> _PROBLEM TO WORK ON_: Locate each line below that includes "number" and reproduce it.

────

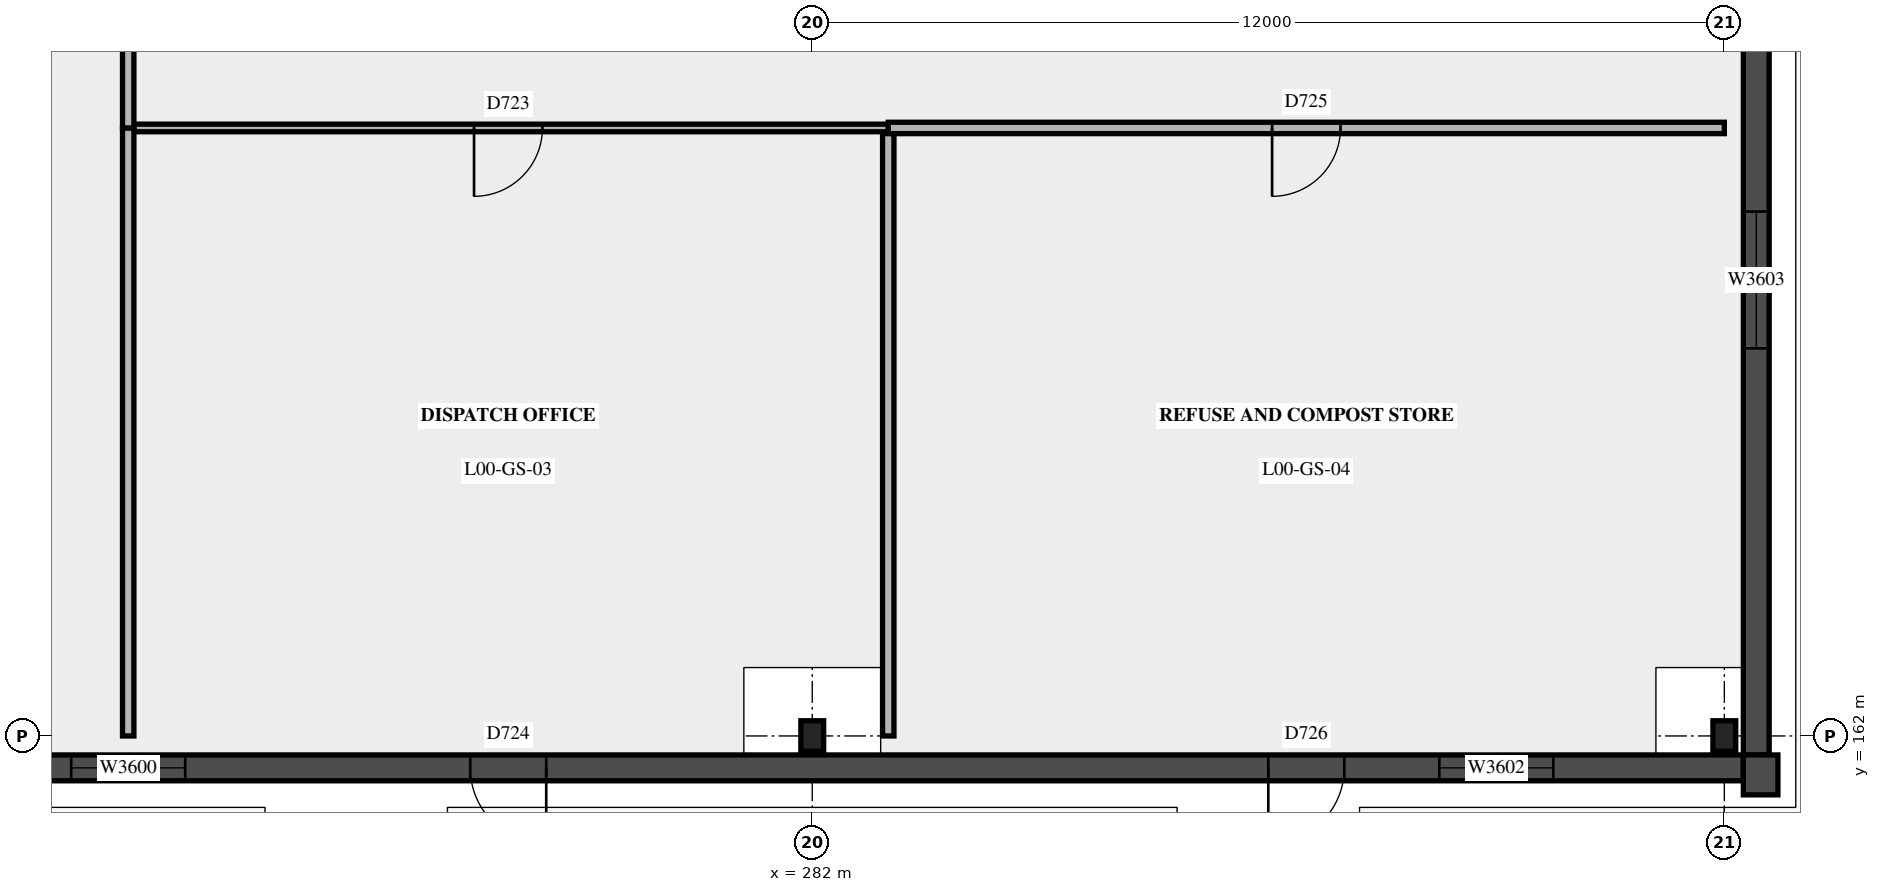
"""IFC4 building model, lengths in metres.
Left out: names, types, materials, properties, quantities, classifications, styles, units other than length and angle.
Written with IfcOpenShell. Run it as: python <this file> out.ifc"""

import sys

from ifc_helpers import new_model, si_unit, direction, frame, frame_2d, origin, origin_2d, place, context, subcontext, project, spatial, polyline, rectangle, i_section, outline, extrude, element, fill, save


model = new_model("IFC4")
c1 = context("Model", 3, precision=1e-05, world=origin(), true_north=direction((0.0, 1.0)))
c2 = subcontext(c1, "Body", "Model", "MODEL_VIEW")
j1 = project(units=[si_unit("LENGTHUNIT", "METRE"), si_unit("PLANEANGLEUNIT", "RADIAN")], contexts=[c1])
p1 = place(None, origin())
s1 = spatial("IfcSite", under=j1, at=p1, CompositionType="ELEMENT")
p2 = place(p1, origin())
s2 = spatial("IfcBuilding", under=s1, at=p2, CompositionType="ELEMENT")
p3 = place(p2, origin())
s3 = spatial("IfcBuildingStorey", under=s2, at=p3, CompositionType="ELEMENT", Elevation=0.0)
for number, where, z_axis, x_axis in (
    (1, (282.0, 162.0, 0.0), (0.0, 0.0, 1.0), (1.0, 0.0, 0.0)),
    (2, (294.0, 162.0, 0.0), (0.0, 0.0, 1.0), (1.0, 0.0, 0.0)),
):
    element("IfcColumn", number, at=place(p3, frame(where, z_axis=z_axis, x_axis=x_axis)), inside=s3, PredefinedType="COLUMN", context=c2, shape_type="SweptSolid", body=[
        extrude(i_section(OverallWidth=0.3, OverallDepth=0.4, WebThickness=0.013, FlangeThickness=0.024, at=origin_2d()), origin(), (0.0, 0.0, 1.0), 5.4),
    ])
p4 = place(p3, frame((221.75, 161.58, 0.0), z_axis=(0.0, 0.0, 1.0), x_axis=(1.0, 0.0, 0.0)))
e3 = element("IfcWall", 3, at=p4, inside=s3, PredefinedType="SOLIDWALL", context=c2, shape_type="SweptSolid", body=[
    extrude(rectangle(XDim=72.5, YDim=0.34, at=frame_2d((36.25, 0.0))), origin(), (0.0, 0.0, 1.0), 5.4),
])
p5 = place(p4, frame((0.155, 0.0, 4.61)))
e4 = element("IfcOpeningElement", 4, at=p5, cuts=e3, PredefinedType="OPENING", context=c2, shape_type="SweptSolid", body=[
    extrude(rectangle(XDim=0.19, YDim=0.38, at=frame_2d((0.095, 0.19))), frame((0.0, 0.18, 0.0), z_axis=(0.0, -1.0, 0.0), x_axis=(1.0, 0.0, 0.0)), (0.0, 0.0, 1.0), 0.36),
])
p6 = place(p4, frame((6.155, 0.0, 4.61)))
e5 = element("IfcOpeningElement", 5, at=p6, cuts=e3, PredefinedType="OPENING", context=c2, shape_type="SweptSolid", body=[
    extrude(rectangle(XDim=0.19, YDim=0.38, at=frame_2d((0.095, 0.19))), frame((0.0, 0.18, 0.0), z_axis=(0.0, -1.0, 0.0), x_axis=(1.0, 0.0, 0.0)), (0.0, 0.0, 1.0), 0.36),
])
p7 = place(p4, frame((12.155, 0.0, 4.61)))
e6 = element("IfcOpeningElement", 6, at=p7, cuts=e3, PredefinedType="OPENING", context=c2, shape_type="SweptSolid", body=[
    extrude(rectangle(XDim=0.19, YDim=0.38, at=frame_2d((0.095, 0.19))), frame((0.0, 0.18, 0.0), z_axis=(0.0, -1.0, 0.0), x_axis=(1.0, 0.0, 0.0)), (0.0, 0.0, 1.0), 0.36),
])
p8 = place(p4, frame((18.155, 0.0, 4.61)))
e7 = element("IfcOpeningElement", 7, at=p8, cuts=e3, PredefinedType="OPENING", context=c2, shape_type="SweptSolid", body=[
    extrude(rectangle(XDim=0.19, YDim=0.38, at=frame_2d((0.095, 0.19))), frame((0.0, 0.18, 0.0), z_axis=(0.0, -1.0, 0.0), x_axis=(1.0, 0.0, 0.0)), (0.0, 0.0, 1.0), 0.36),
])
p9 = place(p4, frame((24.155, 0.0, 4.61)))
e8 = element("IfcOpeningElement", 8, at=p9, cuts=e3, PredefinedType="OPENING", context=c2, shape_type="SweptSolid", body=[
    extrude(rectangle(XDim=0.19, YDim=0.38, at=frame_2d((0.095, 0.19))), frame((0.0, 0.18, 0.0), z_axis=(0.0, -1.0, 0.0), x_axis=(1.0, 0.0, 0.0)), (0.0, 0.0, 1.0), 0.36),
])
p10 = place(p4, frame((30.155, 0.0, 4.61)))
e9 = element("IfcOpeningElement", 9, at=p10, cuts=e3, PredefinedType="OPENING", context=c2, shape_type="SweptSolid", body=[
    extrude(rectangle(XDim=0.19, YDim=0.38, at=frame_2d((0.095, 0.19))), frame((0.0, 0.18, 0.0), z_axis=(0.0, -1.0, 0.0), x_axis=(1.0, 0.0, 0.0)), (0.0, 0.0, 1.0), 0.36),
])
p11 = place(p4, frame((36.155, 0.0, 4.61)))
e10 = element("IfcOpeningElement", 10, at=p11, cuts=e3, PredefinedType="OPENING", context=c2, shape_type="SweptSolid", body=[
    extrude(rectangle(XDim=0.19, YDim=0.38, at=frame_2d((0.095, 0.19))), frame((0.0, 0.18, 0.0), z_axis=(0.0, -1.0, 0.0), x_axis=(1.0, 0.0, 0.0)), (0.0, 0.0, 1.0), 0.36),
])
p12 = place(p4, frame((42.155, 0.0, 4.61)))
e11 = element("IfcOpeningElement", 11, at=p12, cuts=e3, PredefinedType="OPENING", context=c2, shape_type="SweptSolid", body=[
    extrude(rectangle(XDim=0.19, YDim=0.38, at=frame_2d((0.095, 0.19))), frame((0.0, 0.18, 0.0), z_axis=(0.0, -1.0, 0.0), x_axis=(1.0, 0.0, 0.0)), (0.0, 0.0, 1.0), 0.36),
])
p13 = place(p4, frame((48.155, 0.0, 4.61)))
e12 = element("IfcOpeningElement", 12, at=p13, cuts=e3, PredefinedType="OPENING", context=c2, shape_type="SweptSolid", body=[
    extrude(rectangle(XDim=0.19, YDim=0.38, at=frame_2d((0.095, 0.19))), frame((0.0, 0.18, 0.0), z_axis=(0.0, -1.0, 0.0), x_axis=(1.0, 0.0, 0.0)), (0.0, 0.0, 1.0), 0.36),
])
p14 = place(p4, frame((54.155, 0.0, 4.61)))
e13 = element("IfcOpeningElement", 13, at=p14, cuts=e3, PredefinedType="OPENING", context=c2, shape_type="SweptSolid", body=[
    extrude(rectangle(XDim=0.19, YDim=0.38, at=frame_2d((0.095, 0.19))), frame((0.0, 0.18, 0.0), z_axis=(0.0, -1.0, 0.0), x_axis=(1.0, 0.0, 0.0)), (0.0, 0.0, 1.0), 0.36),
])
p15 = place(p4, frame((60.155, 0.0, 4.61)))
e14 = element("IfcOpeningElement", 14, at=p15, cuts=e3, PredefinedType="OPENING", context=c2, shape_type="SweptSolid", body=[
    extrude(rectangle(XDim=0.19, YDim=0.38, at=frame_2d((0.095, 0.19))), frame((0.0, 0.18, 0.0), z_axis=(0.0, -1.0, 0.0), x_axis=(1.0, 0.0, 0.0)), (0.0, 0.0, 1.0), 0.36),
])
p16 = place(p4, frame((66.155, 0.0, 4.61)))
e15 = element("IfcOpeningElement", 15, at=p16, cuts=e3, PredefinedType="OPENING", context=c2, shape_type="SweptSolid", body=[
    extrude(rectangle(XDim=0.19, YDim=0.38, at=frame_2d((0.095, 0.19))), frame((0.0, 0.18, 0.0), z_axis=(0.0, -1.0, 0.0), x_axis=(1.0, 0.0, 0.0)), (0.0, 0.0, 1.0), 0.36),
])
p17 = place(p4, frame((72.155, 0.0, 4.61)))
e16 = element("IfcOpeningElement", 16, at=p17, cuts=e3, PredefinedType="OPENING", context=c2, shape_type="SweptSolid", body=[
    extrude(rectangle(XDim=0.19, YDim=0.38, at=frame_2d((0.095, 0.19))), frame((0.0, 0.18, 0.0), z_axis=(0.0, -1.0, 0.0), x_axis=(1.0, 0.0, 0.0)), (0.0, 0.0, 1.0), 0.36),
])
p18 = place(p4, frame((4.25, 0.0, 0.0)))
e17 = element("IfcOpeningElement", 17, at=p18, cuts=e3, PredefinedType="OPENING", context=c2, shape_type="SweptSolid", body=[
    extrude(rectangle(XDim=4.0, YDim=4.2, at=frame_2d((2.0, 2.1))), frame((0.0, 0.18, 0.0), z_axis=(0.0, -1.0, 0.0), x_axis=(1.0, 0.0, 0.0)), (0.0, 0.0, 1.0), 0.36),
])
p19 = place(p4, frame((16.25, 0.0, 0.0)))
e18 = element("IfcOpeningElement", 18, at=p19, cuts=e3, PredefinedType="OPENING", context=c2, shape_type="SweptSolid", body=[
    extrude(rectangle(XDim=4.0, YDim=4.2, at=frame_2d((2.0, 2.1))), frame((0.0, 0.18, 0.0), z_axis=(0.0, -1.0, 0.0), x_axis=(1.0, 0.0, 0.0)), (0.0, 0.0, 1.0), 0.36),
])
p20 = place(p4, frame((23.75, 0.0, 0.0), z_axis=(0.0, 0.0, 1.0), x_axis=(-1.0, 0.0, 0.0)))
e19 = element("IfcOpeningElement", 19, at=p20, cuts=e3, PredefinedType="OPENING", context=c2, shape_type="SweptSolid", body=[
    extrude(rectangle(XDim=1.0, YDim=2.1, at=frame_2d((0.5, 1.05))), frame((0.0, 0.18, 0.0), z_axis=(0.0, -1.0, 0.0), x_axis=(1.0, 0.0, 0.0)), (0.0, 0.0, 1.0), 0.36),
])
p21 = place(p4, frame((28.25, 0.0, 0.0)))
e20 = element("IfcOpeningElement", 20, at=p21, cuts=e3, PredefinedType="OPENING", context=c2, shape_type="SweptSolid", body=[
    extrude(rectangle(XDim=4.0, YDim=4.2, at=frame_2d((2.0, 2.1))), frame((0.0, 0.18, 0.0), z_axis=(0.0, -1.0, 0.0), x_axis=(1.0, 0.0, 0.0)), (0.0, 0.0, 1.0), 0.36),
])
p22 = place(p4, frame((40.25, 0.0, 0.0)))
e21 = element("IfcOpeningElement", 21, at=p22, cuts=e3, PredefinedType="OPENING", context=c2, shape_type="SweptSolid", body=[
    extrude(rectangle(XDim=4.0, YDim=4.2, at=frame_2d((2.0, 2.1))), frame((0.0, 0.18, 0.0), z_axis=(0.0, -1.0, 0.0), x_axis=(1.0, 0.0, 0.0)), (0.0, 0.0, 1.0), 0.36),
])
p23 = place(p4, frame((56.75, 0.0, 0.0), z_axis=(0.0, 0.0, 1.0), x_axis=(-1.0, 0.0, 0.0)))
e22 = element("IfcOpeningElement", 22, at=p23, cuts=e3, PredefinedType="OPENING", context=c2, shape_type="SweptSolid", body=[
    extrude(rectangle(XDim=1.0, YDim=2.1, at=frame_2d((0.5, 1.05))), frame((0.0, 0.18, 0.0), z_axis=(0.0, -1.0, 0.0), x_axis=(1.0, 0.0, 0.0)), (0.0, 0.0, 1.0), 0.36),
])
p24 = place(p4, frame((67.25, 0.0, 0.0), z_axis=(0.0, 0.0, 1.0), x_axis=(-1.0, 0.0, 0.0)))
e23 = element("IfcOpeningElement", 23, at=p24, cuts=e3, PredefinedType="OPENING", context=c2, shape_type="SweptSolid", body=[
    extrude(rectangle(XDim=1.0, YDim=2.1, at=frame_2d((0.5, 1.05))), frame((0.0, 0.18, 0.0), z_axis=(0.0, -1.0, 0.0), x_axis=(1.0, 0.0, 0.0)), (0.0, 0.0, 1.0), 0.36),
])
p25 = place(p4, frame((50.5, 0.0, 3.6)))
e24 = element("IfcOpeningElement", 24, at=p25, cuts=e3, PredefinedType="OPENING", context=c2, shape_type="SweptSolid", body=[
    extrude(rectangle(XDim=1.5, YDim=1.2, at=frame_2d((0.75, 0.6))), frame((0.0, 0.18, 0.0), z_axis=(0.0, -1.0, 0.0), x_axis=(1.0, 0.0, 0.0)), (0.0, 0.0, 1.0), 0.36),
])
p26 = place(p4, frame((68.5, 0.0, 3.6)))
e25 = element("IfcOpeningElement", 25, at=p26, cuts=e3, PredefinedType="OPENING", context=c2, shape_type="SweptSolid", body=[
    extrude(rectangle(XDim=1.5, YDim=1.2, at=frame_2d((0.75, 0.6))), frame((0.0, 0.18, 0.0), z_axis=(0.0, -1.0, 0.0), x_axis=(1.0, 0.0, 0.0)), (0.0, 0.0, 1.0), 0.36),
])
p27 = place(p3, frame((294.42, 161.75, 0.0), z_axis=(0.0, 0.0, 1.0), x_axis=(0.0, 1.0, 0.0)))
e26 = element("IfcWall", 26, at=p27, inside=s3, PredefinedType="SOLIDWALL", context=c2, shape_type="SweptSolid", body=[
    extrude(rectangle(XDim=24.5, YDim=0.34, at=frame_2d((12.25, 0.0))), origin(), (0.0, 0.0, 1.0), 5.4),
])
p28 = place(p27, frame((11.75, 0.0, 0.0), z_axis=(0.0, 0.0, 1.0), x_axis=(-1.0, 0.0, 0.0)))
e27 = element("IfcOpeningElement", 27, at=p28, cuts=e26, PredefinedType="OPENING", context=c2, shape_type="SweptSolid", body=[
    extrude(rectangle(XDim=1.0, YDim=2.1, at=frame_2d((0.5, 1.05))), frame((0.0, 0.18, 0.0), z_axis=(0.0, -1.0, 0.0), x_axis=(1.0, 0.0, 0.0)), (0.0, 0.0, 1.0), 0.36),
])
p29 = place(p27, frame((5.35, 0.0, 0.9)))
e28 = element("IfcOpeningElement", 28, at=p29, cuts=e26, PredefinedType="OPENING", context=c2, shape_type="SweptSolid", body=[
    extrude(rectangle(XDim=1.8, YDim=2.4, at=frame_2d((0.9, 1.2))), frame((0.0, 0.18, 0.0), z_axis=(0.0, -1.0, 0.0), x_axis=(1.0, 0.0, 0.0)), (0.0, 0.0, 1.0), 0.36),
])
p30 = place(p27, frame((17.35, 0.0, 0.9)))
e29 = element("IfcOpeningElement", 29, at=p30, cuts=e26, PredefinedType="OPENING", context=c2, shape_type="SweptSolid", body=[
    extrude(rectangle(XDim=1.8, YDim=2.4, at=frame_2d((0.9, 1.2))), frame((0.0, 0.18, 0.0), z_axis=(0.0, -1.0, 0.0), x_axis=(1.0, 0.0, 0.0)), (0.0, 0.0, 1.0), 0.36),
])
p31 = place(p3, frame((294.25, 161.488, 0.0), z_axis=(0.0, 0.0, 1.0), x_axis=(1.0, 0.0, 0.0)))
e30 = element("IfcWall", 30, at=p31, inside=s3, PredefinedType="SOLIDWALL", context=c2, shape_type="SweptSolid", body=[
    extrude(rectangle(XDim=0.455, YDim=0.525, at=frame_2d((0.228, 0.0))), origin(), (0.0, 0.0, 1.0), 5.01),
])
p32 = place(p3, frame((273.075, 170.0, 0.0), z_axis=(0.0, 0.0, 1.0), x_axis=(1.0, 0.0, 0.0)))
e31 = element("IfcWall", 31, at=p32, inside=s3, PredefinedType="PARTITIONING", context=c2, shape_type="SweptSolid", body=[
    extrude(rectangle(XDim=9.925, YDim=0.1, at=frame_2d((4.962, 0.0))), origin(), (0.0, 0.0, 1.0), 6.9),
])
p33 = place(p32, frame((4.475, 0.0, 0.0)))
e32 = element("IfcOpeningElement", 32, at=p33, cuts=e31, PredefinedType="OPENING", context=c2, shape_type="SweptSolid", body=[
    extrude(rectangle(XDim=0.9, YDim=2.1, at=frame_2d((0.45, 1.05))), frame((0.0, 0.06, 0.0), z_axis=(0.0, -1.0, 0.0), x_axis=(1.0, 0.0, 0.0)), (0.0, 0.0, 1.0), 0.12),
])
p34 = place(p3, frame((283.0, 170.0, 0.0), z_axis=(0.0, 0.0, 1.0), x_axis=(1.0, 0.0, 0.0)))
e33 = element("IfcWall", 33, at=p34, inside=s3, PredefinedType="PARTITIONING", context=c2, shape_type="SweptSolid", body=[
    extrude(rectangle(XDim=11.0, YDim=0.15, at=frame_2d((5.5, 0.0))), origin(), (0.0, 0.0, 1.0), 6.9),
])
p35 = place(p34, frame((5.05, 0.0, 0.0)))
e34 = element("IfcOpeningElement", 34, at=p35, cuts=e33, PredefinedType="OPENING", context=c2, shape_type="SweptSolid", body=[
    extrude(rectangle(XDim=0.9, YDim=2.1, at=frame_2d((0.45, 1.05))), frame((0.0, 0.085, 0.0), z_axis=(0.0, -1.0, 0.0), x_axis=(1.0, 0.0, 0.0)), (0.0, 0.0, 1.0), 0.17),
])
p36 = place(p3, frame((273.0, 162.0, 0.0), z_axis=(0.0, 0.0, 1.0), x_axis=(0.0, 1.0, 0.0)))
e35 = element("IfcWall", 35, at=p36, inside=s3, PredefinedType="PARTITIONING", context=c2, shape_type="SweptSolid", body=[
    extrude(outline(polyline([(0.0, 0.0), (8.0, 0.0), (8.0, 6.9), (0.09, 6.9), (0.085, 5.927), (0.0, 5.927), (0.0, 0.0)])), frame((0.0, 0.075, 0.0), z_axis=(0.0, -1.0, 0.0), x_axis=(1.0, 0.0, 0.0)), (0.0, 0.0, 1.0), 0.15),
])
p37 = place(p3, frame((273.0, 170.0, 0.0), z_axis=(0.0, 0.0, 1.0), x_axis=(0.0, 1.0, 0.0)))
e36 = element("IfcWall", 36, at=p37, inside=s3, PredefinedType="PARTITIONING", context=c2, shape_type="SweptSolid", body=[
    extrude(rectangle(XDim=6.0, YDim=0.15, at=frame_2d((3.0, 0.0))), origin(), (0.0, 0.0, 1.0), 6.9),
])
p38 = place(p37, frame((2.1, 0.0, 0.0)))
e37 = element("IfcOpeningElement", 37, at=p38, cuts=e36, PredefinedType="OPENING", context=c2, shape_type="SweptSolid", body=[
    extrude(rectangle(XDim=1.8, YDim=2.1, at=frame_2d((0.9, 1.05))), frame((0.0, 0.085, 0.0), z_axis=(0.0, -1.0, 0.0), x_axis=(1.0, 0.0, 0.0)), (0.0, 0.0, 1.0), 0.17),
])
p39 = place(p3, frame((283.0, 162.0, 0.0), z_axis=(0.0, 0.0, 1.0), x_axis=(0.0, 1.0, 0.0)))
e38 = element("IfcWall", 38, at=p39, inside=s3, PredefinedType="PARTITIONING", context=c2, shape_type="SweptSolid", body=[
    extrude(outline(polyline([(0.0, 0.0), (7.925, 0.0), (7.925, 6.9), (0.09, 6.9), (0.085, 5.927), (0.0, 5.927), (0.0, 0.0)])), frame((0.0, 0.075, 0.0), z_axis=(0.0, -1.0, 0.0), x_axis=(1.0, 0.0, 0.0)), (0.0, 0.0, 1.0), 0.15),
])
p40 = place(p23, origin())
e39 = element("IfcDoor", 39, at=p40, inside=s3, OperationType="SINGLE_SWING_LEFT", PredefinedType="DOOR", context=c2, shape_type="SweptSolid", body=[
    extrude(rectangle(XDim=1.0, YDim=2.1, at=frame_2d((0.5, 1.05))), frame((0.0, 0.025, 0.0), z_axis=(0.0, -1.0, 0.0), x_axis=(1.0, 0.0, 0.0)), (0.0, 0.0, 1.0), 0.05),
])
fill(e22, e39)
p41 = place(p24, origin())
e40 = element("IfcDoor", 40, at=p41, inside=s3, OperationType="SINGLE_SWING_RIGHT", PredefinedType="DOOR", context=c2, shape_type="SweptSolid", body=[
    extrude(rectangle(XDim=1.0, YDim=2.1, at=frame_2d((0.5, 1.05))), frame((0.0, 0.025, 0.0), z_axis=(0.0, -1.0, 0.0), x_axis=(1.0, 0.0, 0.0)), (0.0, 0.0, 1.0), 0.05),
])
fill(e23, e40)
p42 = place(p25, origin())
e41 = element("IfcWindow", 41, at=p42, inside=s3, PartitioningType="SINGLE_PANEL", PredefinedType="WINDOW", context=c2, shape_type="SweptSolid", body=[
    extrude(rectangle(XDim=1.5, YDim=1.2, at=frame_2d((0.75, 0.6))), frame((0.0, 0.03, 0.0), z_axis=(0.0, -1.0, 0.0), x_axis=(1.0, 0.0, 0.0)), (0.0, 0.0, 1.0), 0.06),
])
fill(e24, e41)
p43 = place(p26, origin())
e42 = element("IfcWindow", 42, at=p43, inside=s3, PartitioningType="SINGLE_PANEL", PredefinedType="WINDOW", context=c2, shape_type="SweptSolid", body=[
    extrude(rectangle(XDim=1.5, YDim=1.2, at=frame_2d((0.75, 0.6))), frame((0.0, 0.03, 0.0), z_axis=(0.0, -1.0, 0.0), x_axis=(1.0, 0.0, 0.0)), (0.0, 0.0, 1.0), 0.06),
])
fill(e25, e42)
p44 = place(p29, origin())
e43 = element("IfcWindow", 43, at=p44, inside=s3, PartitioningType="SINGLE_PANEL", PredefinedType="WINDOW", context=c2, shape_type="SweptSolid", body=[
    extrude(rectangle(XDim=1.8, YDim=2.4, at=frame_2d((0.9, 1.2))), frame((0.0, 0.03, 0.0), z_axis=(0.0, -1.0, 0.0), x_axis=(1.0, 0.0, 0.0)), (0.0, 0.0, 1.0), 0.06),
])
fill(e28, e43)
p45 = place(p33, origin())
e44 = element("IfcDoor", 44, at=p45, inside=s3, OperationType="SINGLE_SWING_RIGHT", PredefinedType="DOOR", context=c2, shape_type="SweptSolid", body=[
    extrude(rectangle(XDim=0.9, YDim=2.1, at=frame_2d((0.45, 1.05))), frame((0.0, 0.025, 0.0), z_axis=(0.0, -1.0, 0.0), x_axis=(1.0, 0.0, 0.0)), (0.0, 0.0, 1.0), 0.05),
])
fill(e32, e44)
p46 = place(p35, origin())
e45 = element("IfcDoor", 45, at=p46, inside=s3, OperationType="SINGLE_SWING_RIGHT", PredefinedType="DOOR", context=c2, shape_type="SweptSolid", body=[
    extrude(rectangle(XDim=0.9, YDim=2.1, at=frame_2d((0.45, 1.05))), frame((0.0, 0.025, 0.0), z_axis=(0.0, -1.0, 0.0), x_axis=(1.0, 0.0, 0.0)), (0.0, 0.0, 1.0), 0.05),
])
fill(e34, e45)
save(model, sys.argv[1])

────

> _TASK SOLUTION_:
for number, where, z_axis, x_axis in (
    element("IfcColumn", number, at=place(p3, frame(where, z_axis=z_axis, x_axis=x_axis)), inside=s3, PredefinedType="COLUMN", context=c2, shape_type="SweptSolid", body=[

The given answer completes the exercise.